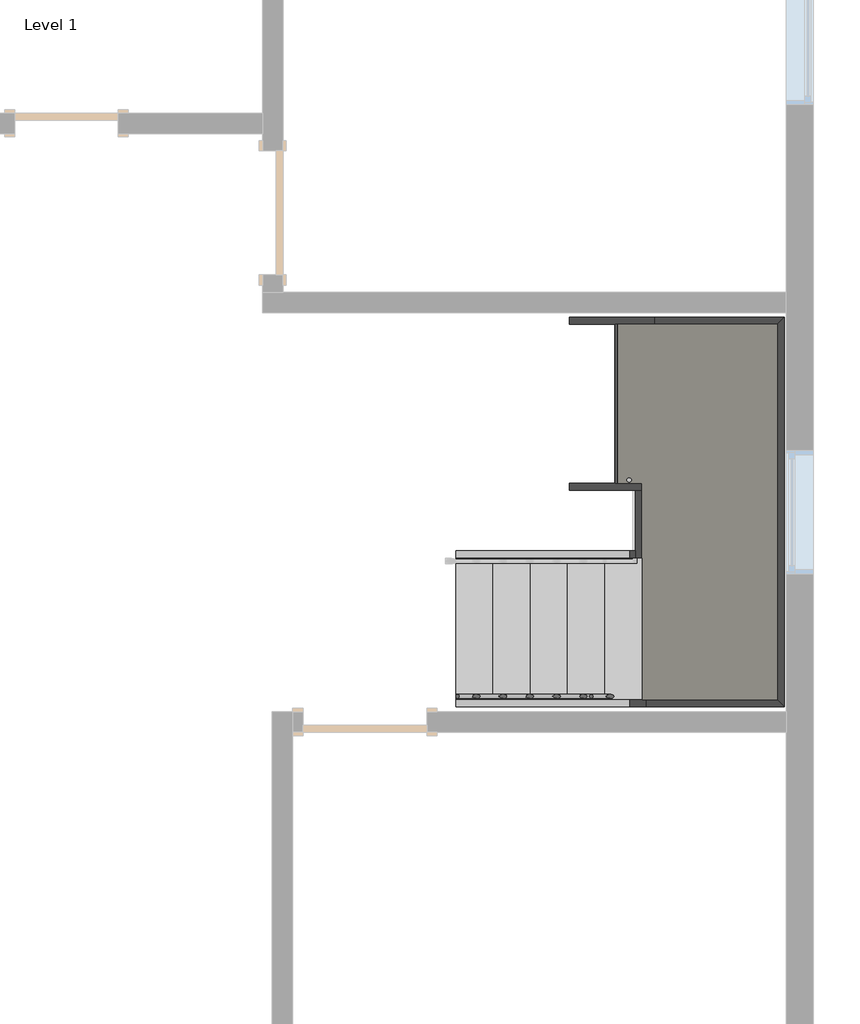
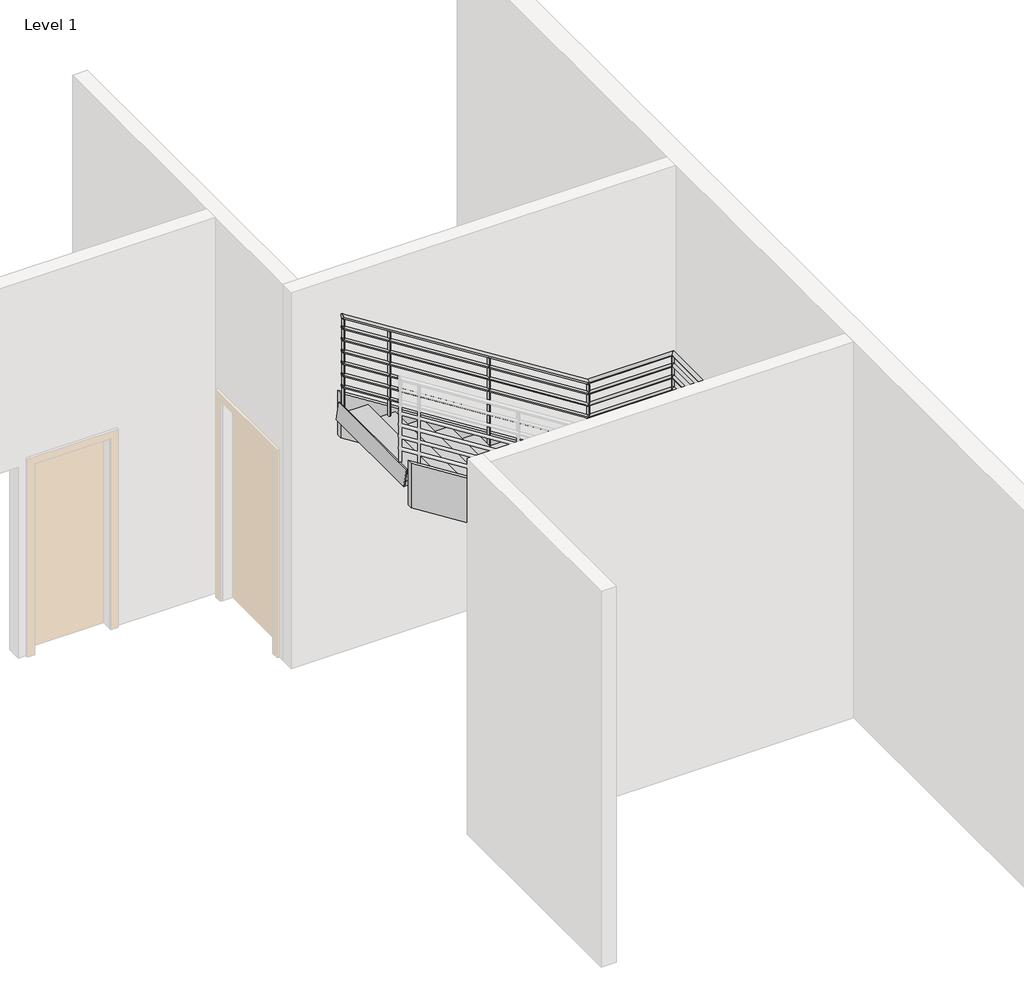
# One storey, part 3 of 3: 8 members, 2 stair flights, 1 railing, 1 slab.
"""IFC4 building model written with IfcOpenShell, lengths in millimetres."""

from ifc_helpers import new_model, si_unit, point, frame, frame_2d, origin, place, context, project, spatial, polyline, circle_curve, ellipse_curve, trimmed, segment, composite_curve, outline, extrude, faceted_brep, transform, mapped, element, save
from ifc_brep_helpers import plane_surface, cylinder_surface, advanced_brep
from components import non_monolithic_landing_709e637c, stair_flight_50mm_tread_25mm_nosing_13mm_riser_430ad9a4, stair_flight_50mm_tread_25mm_nosing_13mm_riser_1a1c1790

model = new_model("IFC4")

# Units and contexts
model_context = context("Model", 3, world=origin())
ifc_project = project(units=[si_unit("LENGTHUNIT", "METRE", prefix="MILLI")], contexts=[model_context])

# Site, building, storey
site = spatial("IfcSite", under=ifc_project)
building = spatial("IfcBuilding", under=site)
storey = spatial("IfcBuildingStorey", under=building, Name="Level 1", Elevation=0.0)

# Members
placement = place(None, origin())
element("IfcMember", 1, ObjectType="Stringer - 50mm Width", at=placement, inside=storey, context=model_context, shape_type="SweptSolid", body=[
    extrude(outline(polyline([(389.0025785, -528.272677), (0.0, -528.272677), (0.0, -395.0139442), (753.6703666, 796.727323), (1226.9472425, 796.727323), (389.0025785, -528.272677)])), frame((0.0, 4121.4539608, 0.0), z_axis=(0.0, 1.0, 0.0), x_axis=(0.0, 0.0, 1.0)), (0.0, 0.0, 1.0), 50.0),
])
element("IfcMember", 2, ObjectType="Stringer - 50mm Width", at=placement, inside=storey, context=model_context, shape_type="SweptSolid", body=[
    extrude(outline(polyline([(389.0025785, -528.272677), (0.0, -528.272677), (0.0, -395.0139442), (864.7850313, 972.4273866), (1264.7850313, 856.5583266), (389.0025785, -528.272677)])), frame((0.0, 3021.4281795, 0.0), z_axis=(0.0, 1.0, 0.0), x_axis=(0.0, 0.0, 1.0)), (0.0, 0.0, 1.0), 50.0),
])
element("IfcMember", 3, ObjectType="Stringer - 50mm Width", at=placement, inside=storey, context=model_context, shape_type="SweptSolid", body=[
    extrude(outline(polyline([(864.7850313, 846.727323), (1334.7593813, 846.727323), (2823.7851872, -1507.7947325), (2350.5083113, -1507.7947325), (864.7850313, 841.5052039), (864.7850313, 846.727323)])), frame((0.0, 4618.9227481, 0.0), z_axis=(0.0, 1.0, 0.0), x_axis=(0.0, 0.0, 1.0)), (0.0, 0.0, 1.0), 50.0),
])
element("IfcMember", 4, ObjectType="Stringer - 50mm Width", at=placement, inside=storey, context=model_context, shape_type="SweptSolid", body=[
    extrude(outline(polyline([(864.7850313, 841.5052039), (1264.7850313, 957.3742639), (2823.7851872, -1507.7947325), (2350.5083113, -1507.7947325), (864.7850313, 841.5052039)])), frame((0.0, 5845.1517528, 0.0), z_axis=(0.0, 1.0, 0.0), x_axis=(0.0, 0.0, 1.0)), (0.0, 0.0, 1.0), 50.0),
])
element("IfcMember", 5, ObjectType="Stringer - 50mm Width", at=placement, inside=storey, context=model_context, shape_type="SweptSolid", body=[
    extrude(outline(polyline([(796.727323, 4618.9227481), (846.727323, 4618.9227481), (846.727323, 4121.4539608), (796.727323, 4121.4539608), (796.727323, 4618.9227481)])), frame((0.0, 0.0, 864.7850313), z_axis=(0.0, 0.0, 1.0), x_axis=(1.0, 0.0, 0.0)), (0.0, 0.0, 1.0), 400.0),
])
element("IfcMember", 6, ObjectType="Stringer - 50mm Width", at=placement, inside=storey, context=model_context, shape_type="Brep", body=[
    faceted_brep([(856.5583266, 3071.4281795, 1264.7850313), (856.5583266, 3021.4281795, 1264.7850313), (1896.7531043, 3021.4281795, 1264.7850313), (1846.7531043, 3071.4281795, 1264.7850313), (972.4273866, 3071.4281795, 864.7850313), (1846.7531043, 3071.4281795, 864.7850313), (972.4273866, 3021.4281795, 864.7850313), (1896.7531043, 3021.4281795, 864.7850313)], [[[0, 1, 2, 3]], [[4, 0, 3, 5]], [[6, 4, 5, 7]], [[1, 6, 7, 2]], [[1, 0, 4, 6]], [[2, 7, 5, 3]]]),
])
element("IfcMember", 7, ObjectType="Stringer - 50mm Width", at=placement, inside=storey, context=model_context, shape_type="SweptSolid", body=[
    extrude(outline(polyline([(1896.7531043, 3021.4281795), (1846.7531043, 3071.4281795), (1846.7531043, 5845.1517528), (1896.7531043, 5895.1517528), (1896.7531043, 3021.4281795)])), frame((0.0, 0.0, 864.7850313), z_axis=(0.0, 0.0, 1.0), x_axis=(1.0, 0.0, 0.0)), (0.0, 0.0, 1.0), 400.0),
])
element("IfcMember", 8, ObjectType="Stringer - 50mm Width", at=placement, inside=storey, context=model_context, shape_type="Brep", body=[
    faceted_brep([(1846.7531043, 5845.1517528, 1264.7850313), (1896.7531043, 5895.1517528, 1264.7850313), (957.3742639, 5895.1517528, 1264.7850313), (957.3742639, 5845.1517528, 1264.7850313), (1846.7531043, 5845.1517528, 864.7850313), (841.5052039, 5845.1517528, 864.7850313), (1896.7531043, 5895.1517528, 864.7850313), (841.5052039, 5895.1517528, 864.7850313)], [[[0, 1, 2, 3]], [[4, 0, 3, 5]], [[6, 4, 5, 7]], [[1, 6, 7, 2]], [[1, 0, 4, 6]], [[2, 7, 5, 3]]]),
])

# Railing
element("IfcRailing", 9, ObjectType="900mm Pipe", at=placement, inside=storey, context=model_context, shape_type="SolidModel", body=[
    advanced_brep(
    [(-528.272677, 3076.8281795, 1224.1622432), (-528.272677, 3116.8281795, 1224.1622432), (852.520776, 3076.8281795, 2097.3913043), (852.520776, 3116.8281795, 2097.3913043), (1841.3531043, 3076.8281795, 2097.3913043), (1801.3531043, 3116.8281795, 2097.3913043), (1841.3531043, 5839.7517528, 2097.3913043), (1801.3531043, 5799.7517528, 2097.3913043), (961.4118145, 5839.7517528, 2097.3913043), (961.4118145, 5799.7517528, 2097.3913043), (-1507.7947325, 5839.7517528, 3658.9448519), (-1507.7947325, 5799.7517528, 3658.9448519)],
    [
        (0, 1, ellipse_curve(frame((-528.272677, 3096.8281795, 1224.1622432), z_axis=(-1.0, 0.0, 0.0), x_axis=(0.0, 0.0, -1.0)), 23.6638438, 20.0)),
        (1, 0, ellipse_curve(frame((-528.272677, 3096.8281795, 1224.1622432), z_axis=(-1.0, 0.0, 0.0), x_axis=(0.0, 0.0, -1.0)), 23.6638438, 20.0)),
        (0, 2),
        (2, 3, ellipse_curve(frame((852.520776, 3096.8281795, 2097.3913043), z_axis=(-0.9605132043335073, 0.0, -0.2782344053149755), x_axis=(0.27823440531497556, 0.0, -0.9605132043335073)), 20.822202, 20.0)),
        (3, 1),
        (3, 2, ellipse_curve(frame((852.520776, 3096.8281795, 2097.3913043), z_axis=(-0.9605132043335073, 0.0, -0.2782344053149755), x_axis=(0.27823440531497556, 0.0, -0.9605132043335073)), 20.822202, 20.0)),
        (2, 4),
        (4, 5, ellipse_curve(frame((1821.3531043, 3096.8281795, 2097.3913043), z_axis=(-0.7071067811865501, -0.7071067811865449, 0.0), x_axis=(-0.7071067811865449, 0.7071067811865501, 0.0)), 28.2842712, 20.0)),
        (5, 3),
        (5, 4, ellipse_curve(frame((1821.3531043, 3096.8281795, 2097.3913043), z_axis=(-0.7071067811865501, -0.7071067811865449, 0.0), x_axis=(-0.7071067811865449, 0.7071067811865501, 0.0)), 28.2842712, 20.0)),
        (4, 6),
        (6, 7, ellipse_curve(frame((1821.3531043, 5819.7517528, 2097.3913043), z_axis=(0.7071067811865449, -0.7071067811865501, 0.0), x_axis=(-0.70710678118655, -0.707106781186545, 0.0)), 28.2842712, 20.0)),
        (7, 5),
        (7, 6, ellipse_curve(frame((1821.3531043, 5819.7517528, 2097.3913043), z_axis=(0.7071067811865449, -0.7071067811865501, 0.0), x_axis=(-0.70710678118655, -0.707106781186545, 0.0)), 28.2842712, 20.0)),
        (6, 8),
        (8, 9, ellipse_curve(frame((961.4118145, 5819.7517528, 2097.3913043), z_axis=(0.9605132043335073, 0.0, -0.2782344053149753), x_axis=(0.27823440531497584, 0.0, 0.9605132043335073)), 20.822202, 20.0)),
        (9, 7),
        (9, 8, ellipse_curve(frame((961.4118145, 5819.7517528, 2097.3913043), z_axis=(0.9605132043335073, 0.0, -0.2782344053149753), x_axis=(0.27823440531497584, 0.0, 0.9605132043335073)), 20.822202, 20.0)),
        (10, 11, ellipse_curve(frame((-1507.7947325, 5819.7517528, 3658.9448519), z_axis=(-1.0, 0.0, 0.0), x_axis=(0.0, 0.0, -1.0)), 23.6638438, 20.0)),
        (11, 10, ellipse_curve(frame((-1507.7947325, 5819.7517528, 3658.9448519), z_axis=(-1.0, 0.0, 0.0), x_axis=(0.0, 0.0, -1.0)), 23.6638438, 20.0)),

+===+

_WHAT IS BEING ASKED_
Bring together all lines in the records where the word "import" is found.

_YOUR RESPONSE_
from ifc_helpers import new_model, si_unit, point, frame, frame_2d, origin, place, context, project, spatial, polyline, circle_curve, ellipse_curve, trimmed, segment, composite_curve, outline, extrude, faceted_brep, transform, mapped, element, save
from ifc_brep_helpers import plane_surface, cylinder_surface, advanced_brep
from components import non_monolithic_landing_709e637c, stair_flight_50mm_tread_25mm_nosing_13mm_riser_430ad9a4, stair_flight_50mm_tread_25mm_nosing_13mm_riser_1a1c1790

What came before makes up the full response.